▸ Brief: Only the lines from the start of the entries through the line with "p5 = place(p4, frame((0.22, 0.0, 0.0)))" should be returned, each exactly as it stands, and no pictures.

Stored items from a collection:

*-*-*

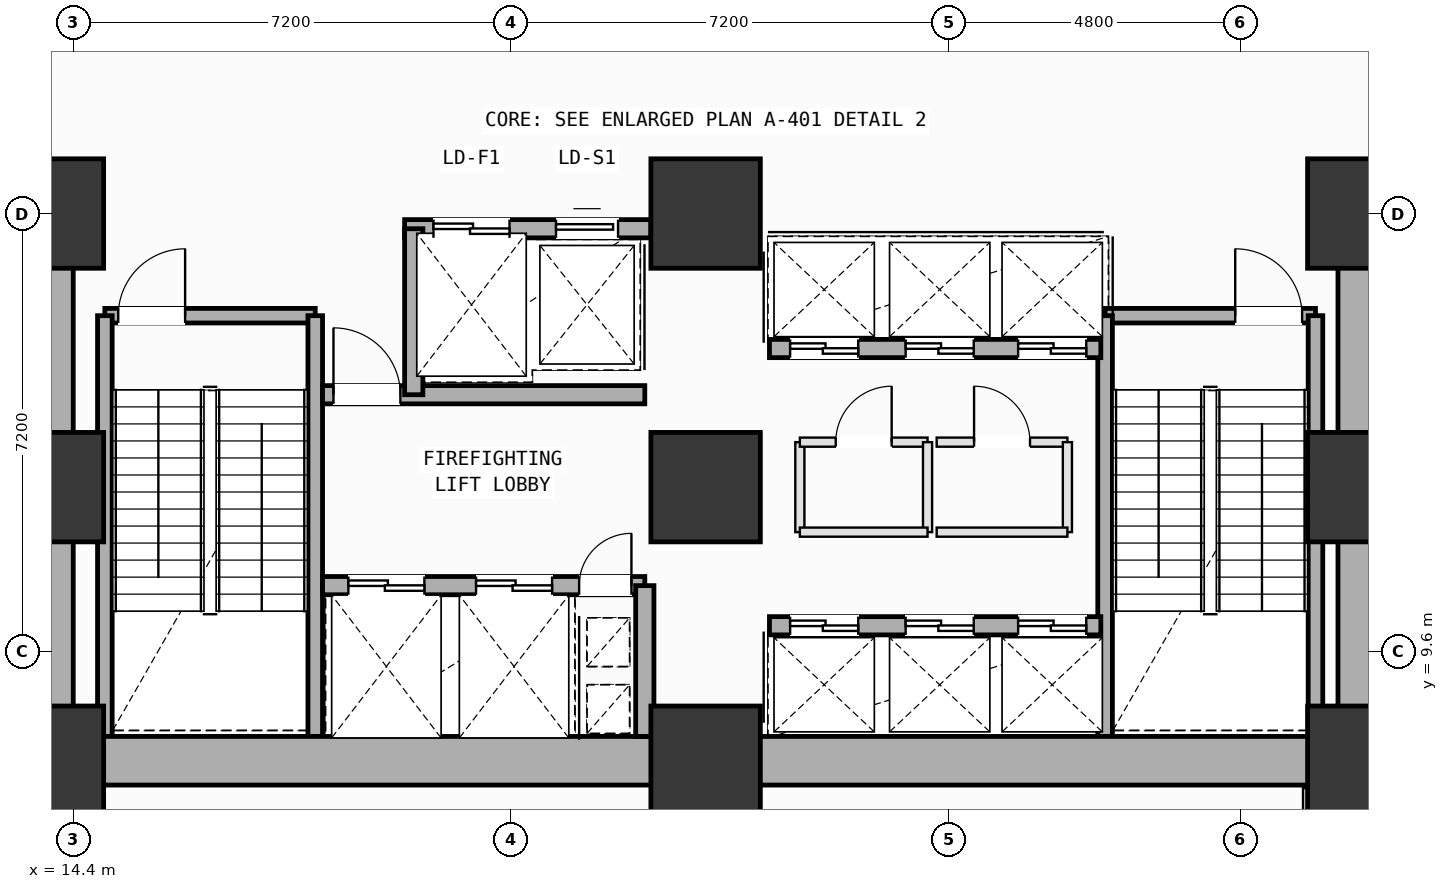
"""IFC4 building model, lengths in metres.
Left out: names, types, materials, properties, quantities, classifications, styles, units other than length and angle.
Written with IfcOpenShell. Run it as: python <this file> out.ifc"""

import sys

from ifc_helpers import new_model, si_unit, direction, frame, frame_2d, origin, origin_2d, place, context, subcontext, project, spatial, rectangle, extrude, element, fill, save


model = new_model("IFC4")
c1 = context("Model", 3, precision=1e-05, world=origin(), true_north=direction((0.0, 1.0)))
c2 = subcontext(c1, "Body", "Model", "MODEL_VIEW")
j1 = project(units=[si_unit("LENGTHUNIT", "METRE"), si_unit("PLANEANGLEUNIT", "RADIAN")], contexts=[c1])
p1 = place(None, origin())
s1 = spatial("IfcSite", under=j1, at=p1, CompositionType="ELEMENT")
p2 = place(p1, origin())
s2 = spatial("IfcBuilding", under=s1, at=p2, CompositionType="ELEMENT")
p3 = place(p2, frame((0.0, 0.0, -4.8)))
s3 = spatial("IfcBuildingStorey", under=s2, at=p3, CompositionType="ELEMENT", Elevation=-4.8)
for number, where, z_axis, x_axis in (
    (1, (14.0, 7.8, 0.0), (0.0, 0.0, 1.0), (1.0, 0.0, 0.0)),
    (2, (14.0, 12.3, 0.0), (0.0, 0.0, 1.0), (1.0, 0.0, 0.0)),
    (3, (14.0, 16.8, 0.0), (0.0, 0.0, 1.0), (1.0, 0.0, 0.0)),
    (4, (24.8, 7.8, 0.0), (0.0, 0.0, 1.0), (1.0, 0.0, 0.0)),
    (5, (24.8, 12.3, 0.0), (0.0, 0.0, 1.0), (1.0, 0.0, 0.0)),
    (6, (24.8, 16.8, 0.0), (0.0, 0.0, 1.0), (1.0, 0.0, 0.0)),
    (7, (35.6, 7.8, 0.0), (0.0, 0.0, 1.0), (1.0, 0.0, 0.0)),
    (8, (35.6, 12.3, 0.0), (0.0, 0.0, 1.0), (1.0, 0.0, 0.0)),
    (9, (35.6, 16.8, 0.0), (0.0, 0.0, 1.0), (1.0, 0.0, 0.0)),
):
    element("IfcColumn", number, at=place(p3, frame(where, z_axis=z_axis, x_axis=x_axis)), inside=s3, PredefinedType="COLUMN", context=c2, shape_type="SweptSolid", body=[
        extrude(rectangle(XDim=1.8, YDim=1.8, at=origin_2d()), origin(), (0.0, 0.0, 1.0), 4.8),
    ])
p4 = place(p3, frame((14.92, 15.12, 0.0), z_axis=(0.0, 0.0, 1.0), x_axis=(1.0, 0.0, 0.0)))
e10 = element("IfcWall", 10, at=p4, inside=s3, PredefinedType="SOLIDWALL", context=c2, shape_type="SweptSolid", body=[
    extrude(rectangle(XDim=3.46, YDim=0.24, at=frame_2d((1.73, 0.0))), origin(), (0.0, 0.0, 1.0), 4.55),
])
p5 = place(p4, frame((0.22, 0.0, 0.0)))
e11 = element("IfcOpeningElement", 11, at=p5, cuts=e10, PredefinedType="OPENING", context=c2, shape_type="SweptSolid", body=[
    extrude(rectangle(XDim=1.1, YDim=2.15, at=frame_2d((0.55, 1.075))), frame((0.0, 0.13, 0.0), z_axis=(0.0, -1.0, 0.0), x_axis=(1.0, 0.0, 0.0)), (0.0, 0.0, 1.0), 0.26),
])
for number, where, z_axis, x_axis in (
    (12, (18.38, 15.12, 0.0), (0.0, 0.0, 1.0), (0.0, -1.0, 0.0)),
    (13, (14.92, 8.2, 0.0), (0.0, 0.0, 1.0), (0.0, 1.0, 0.0)),
):
    element("IfcWall", number, at=place(p3, frame(where, z_axis=z_axis, x_axis=x_axis)), inside=s3, PredefinedType="SOLIDWALL", context=c2, shape_type="SweptSolid", body=[
        extrude(rectangle(XDim=6.92, YDim=0.24, at=frame_2d((3.46, 0.0))), origin(), (0.0, 0.0, 1.0), 4.55),
    ])
p6 = place(p3, frame((31.37, 15.12, 0.0), z_axis=(0.0, 0.0, 1.0), x_axis=(1.0, 0.0, 0.0)))
e14 = element("IfcWall", 14, at=p6, inside=s3, PredefinedType="SOLIDWALL", context=c2, shape_type="SweptSolid", body=[
    extrude(rectangle(XDim=3.46, YDim=0.24, at=frame_2d((1.73, 0.0))), origin(), (0.0, 0.0, 1.0), 4.55),
])
p7 = place(p6, frame((2.14, 0.0, 0.0)))
e15 = element("IfcOpeningElement", 15, at=p7, cuts=e14, PredefinedType="OPENING", context=c2, shape_type="SweptSolid", body=[
    extrude(rectangle(XDim=1.1, YDim=2.15, at=frame_2d((0.55, 1.075))), frame((0.0, 0.13, 0.0), z_axis=(0.0, -1.0, 0.0), x_axis=(1.0, 0.0, 0.0)), (0.0, 0.0, 1.0), 0.26),
])
for number, where, z_axis, x_axis in (
    (16, (34.83, 15.12, 0.0), (0.0, 0.0, 1.0), (0.0, -1.0, 0.0)),
    (17, (31.37, 8.2, 0.0), (0.0, 0.0, 1.0), (0.0, 1.0, 0.0)),
):
    element("IfcWall", number, at=place(p3, frame(where, z_axis=z_axis, x_axis=x_axis)), inside=s3, PredefinedType="SOLIDWALL", context=c2, shape_type="SweptSolid", body=[
        extrude(rectangle(XDim=6.92, YDim=0.24, at=frame_2d((3.46, 0.0))), origin(), (0.0, 0.0, 1.0), 4.55),
    ])
for number, where, z_axis, x_axis in (
    (18, (14.0, 7.8, 0.0), (0.0, 0.0, 1.0), (1.0, 0.0, 0.0)),
    (19, (24.8, 7.8, 0.0), (0.0, 0.0, 1.0), (1.0, 0.0, 0.0)),
):
    element("IfcWall", number, at=place(p3, frame(where, z_axis=z_axis, x_axis=x_axis)), inside=s3, PredefinedType="SHEAR", context=c2, shape_type="SweptSolid", body=[
        extrude(rectangle(XDim=10.8, YDim=0.8, at=frame_2d((5.4, 0.0))), origin(), (0.0, 0.0, 1.0), 4.55),
    ])
for number, where, z_axis, x_axis in (
    (20, (35.6, 7.8, 0.0), (0.0, 0.0, 1.0), (0.0, 1.0, 0.0)),
    (21, (14.0, 16.8, 0.0), (0.0, 0.0, 1.0), (0.0, -1.0, 0.0)),
):
    element("IfcWall", number, at=place(p3, frame(where, z_axis=z_axis, x_axis=x_axis)), inside=s3, PredefinedType="SHEAR", context=c2, shape_type="SweptSolid", body=[
        extrude(rectangle(XDim=9.0, YDim=0.8, at=frame_2d((4.5, 0.0))), origin(), (0.0, 0.0, 1.0), 4.55),
    ])
p8 = place(p3, frame((19.85, 16.55, 0.0), z_axis=(0.0, 0.0, 1.0), x_axis=(1.0, 0.0, 0.0)))
e22 = element("IfcWall", 22, at=p8, inside=s3, PredefinedType="SOLIDWALL", context=c2, shape_type="SweptSolid", body=[
    extrude(rectangle(XDim=4.05, YDim=0.3, at=frame_2d((2.025, 0.0))), origin(), (0.0, 0.0, 1.0), 4.55),
])
p9 = place(p8, frame((0.475, 0.0, 0.0)))
e23 = element("IfcOpeningElement", 23, at=p9, cuts=e22, PredefinedType="OPENING", context=c2, shape_type="SweptSolid", body=[
    extrude(rectangle(XDim=1.25, YDim=2.18, at=frame_2d((0.625, 1.09))), frame((0.0, 0.16, 0.0), z_axis=(0.0, -1.0, 0.0), x_axis=(1.0, 0.0, 0.0)), (0.0, 0.0, 1.0), 0.32),
])
p10 = place(p8, frame((2.49, 0.0, 0.0)))
e24 = element("IfcOpeningElement", 24, at=p10, cuts=e22, PredefinedType="OPENING", context=c2, shape_type="SweptSolid", body=[
    extrude(rectangle(XDim=1.02, YDim=2.12, at=frame_2d((0.51, 1.06))), frame((0.0, 0.16, 0.0), z_axis=(0.0, -1.0, 0.0), x_axis=(1.0, 0.0, 0.0)), (0.0, 0.0, 1.0), 0.32),
])
p11 = place(p3, frame((18.5, 10.68, 0.0), z_axis=(0.0, 0.0, 1.0), x_axis=(1.0, 0.0, 0.0)))
e25 = element("IfcWall", 25, at=p11, inside=s3, PredefinedType="SOLIDWALL", context=c2, shape_type="SweptSolid", body=[
    extrude(rectangle(XDim=5.3, YDim=0.3, at=frame_2d((2.65, 0.0))), origin(), (0.0, 0.0, 1.0), 4.55),
])
p12 = place(p11, frame((4.22, 0.0, 0.0)))
e26 = element("IfcOpeningElement", 26, at=p12, cuts=e25, PredefinedType="OPENING", context=c2, shape_type="SweptSolid", body=[
    extrude(rectangle(XDim=0.86, YDim=2.06, at=frame_2d((0.43, 1.03))), frame((0.0, 0.16, 0.0), z_axis=(0.0, -1.0, 0.0), x_axis=(1.0, 0.0, 0.0)), (0.0, 0.0, 1.0), 0.32),
])
p13 = place(p11, frame((0.425, 0.0, 0.0)))
e27 = element("IfcOpeningElement", 27, at=p13, cuts=e25, PredefinedType="OPENING", context=c2, shape_type="SweptSolid", body=[
    extrude(rectangle(XDim=1.25, YDim=2.18, at=frame_2d((0.625, 1.09))), frame((0.0, 0.16, 0.0), z_axis=(0.0, -1.0, 0.0), x_axis=(1.0, 0.0, 0.0)), (0.0, 0.0, 1.0), 0.32),
])
p14 = place(p11, frame((2.525, 0.0, 0.0)))
e28 = element("IfcOpeningElement", 28, at=p14, cuts=e25, PredefinedType="OPENING", context=c2, shape_type="SweptSolid", body=[
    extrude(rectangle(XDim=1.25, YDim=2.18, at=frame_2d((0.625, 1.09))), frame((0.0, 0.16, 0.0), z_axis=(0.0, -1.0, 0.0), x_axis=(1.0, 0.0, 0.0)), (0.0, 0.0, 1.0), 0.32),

*-*-*

▸ Expected output:
"""IFC4 building model, lengths in metres.
Left out: names, types, materials, properties, quantities, classifications, styles, units other than length and angle.
Written with IfcOpenShell. Run it as: python <this file> out.ifc"""

import sys

from ifc_helpers import new_model, si_unit, direction, frame, frame_2d, origin, origin_2d, place, context, subcontext, project, spatial, rectangle, extrude, element, fill, save


model = new_model("IFC4")
c1 = context("Model", 3, precision=1e-05, world=origin(), true_north=direction((0.0, 1.0)))
c2 = subcontext(c1, "Body", "Model", "MODEL_VIEW")
j1 = project(units=[si_unit("LENGTHUNIT", "METRE"), si_unit("PLANEANGLEUNIT", "RADIAN")], contexts=[c1])
p1 = place(None, origin())
s1 = spatial("IfcSite", under=j1, at=p1, CompositionType="ELEMENT")
p2 = place(p1, origin())
s2 = spatial("IfcBuilding", under=s1, at=p2, CompositionType="ELEMENT")
p3 = place(p2, frame((0.0, 0.0, -4.8)))
s3 = spatial("IfcBuildingStorey", under=s2, at=p3, CompositionType="ELEMENT", Elevation=-4.8)
for number, where, z_axis, x_axis in (
    (1, (14.0, 7.8, 0.0), (0.0, 0.0, 1.0), (1.0, 0.0, 0.0)),
    (2, (14.0, 12.3, 0.0), (0.0, 0.0, 1.0), (1.0, 0.0, 0.0)),
    (3, (14.0, 16.8, 0.0), (0.0, 0.0, 1.0), (1.0, 0.0, 0.0)),
    (4, (24.8, 7.8, 0.0), (0.0, 0.0, 1.0), (1.0, 0.0, 0.0)),
    (5, (24.8, 12.3, 0.0), (0.0, 0.0, 1.0), (1.0, 0.0, 0.0)),
    (6, (24.8, 16.8, 0.0), (0.0, 0.0, 1.0), (1.0, 0.0, 0.0)),
    (7, (35.6, 7.8, 0.0), (0.0, 0.0, 1.0), (1.0, 0.0, 0.0)),
    (8, (35.6, 12.3, 0.0), (0.0, 0.0, 1.0), (1.0, 0.0, 0.0)),
    (9, (35.6, 16.8, 0.0), (0.0, 0.0, 1.0), (1.0, 0.0, 0.0)),
):
    element("IfcColumn", number, at=place(p3, frame(where, z_axis=z_axis, x_axis=x_axis)), inside=s3, PredefinedType="COLUMN", context=c2, shape_type="SweptSolid", body=[
        extrude(rectangle(XDim=1.8, YDim=1.8, at=origin_2d()), origin(), (0.0, 0.0, 1.0), 4.8),
    ])
p4 = place(p3, frame((14.92, 15.12, 0.0), z_axis=(0.0, 0.0, 1.0), x_axis=(1.0, 0.0, 0.0)))
e10 = element("IfcWall", 10, at=p4, inside=s3, PredefinedType="SOLIDWALL", context=c2, shape_type="SweptSolid", body=[
    extrude(rectangle(XDim=3.46, YDim=0.24, at=frame_2d((1.73, 0.0))), origin(), (0.0, 0.0, 1.0), 4.55),
])
p5 = place(p4, frame((0.22, 0.0, 0.0)))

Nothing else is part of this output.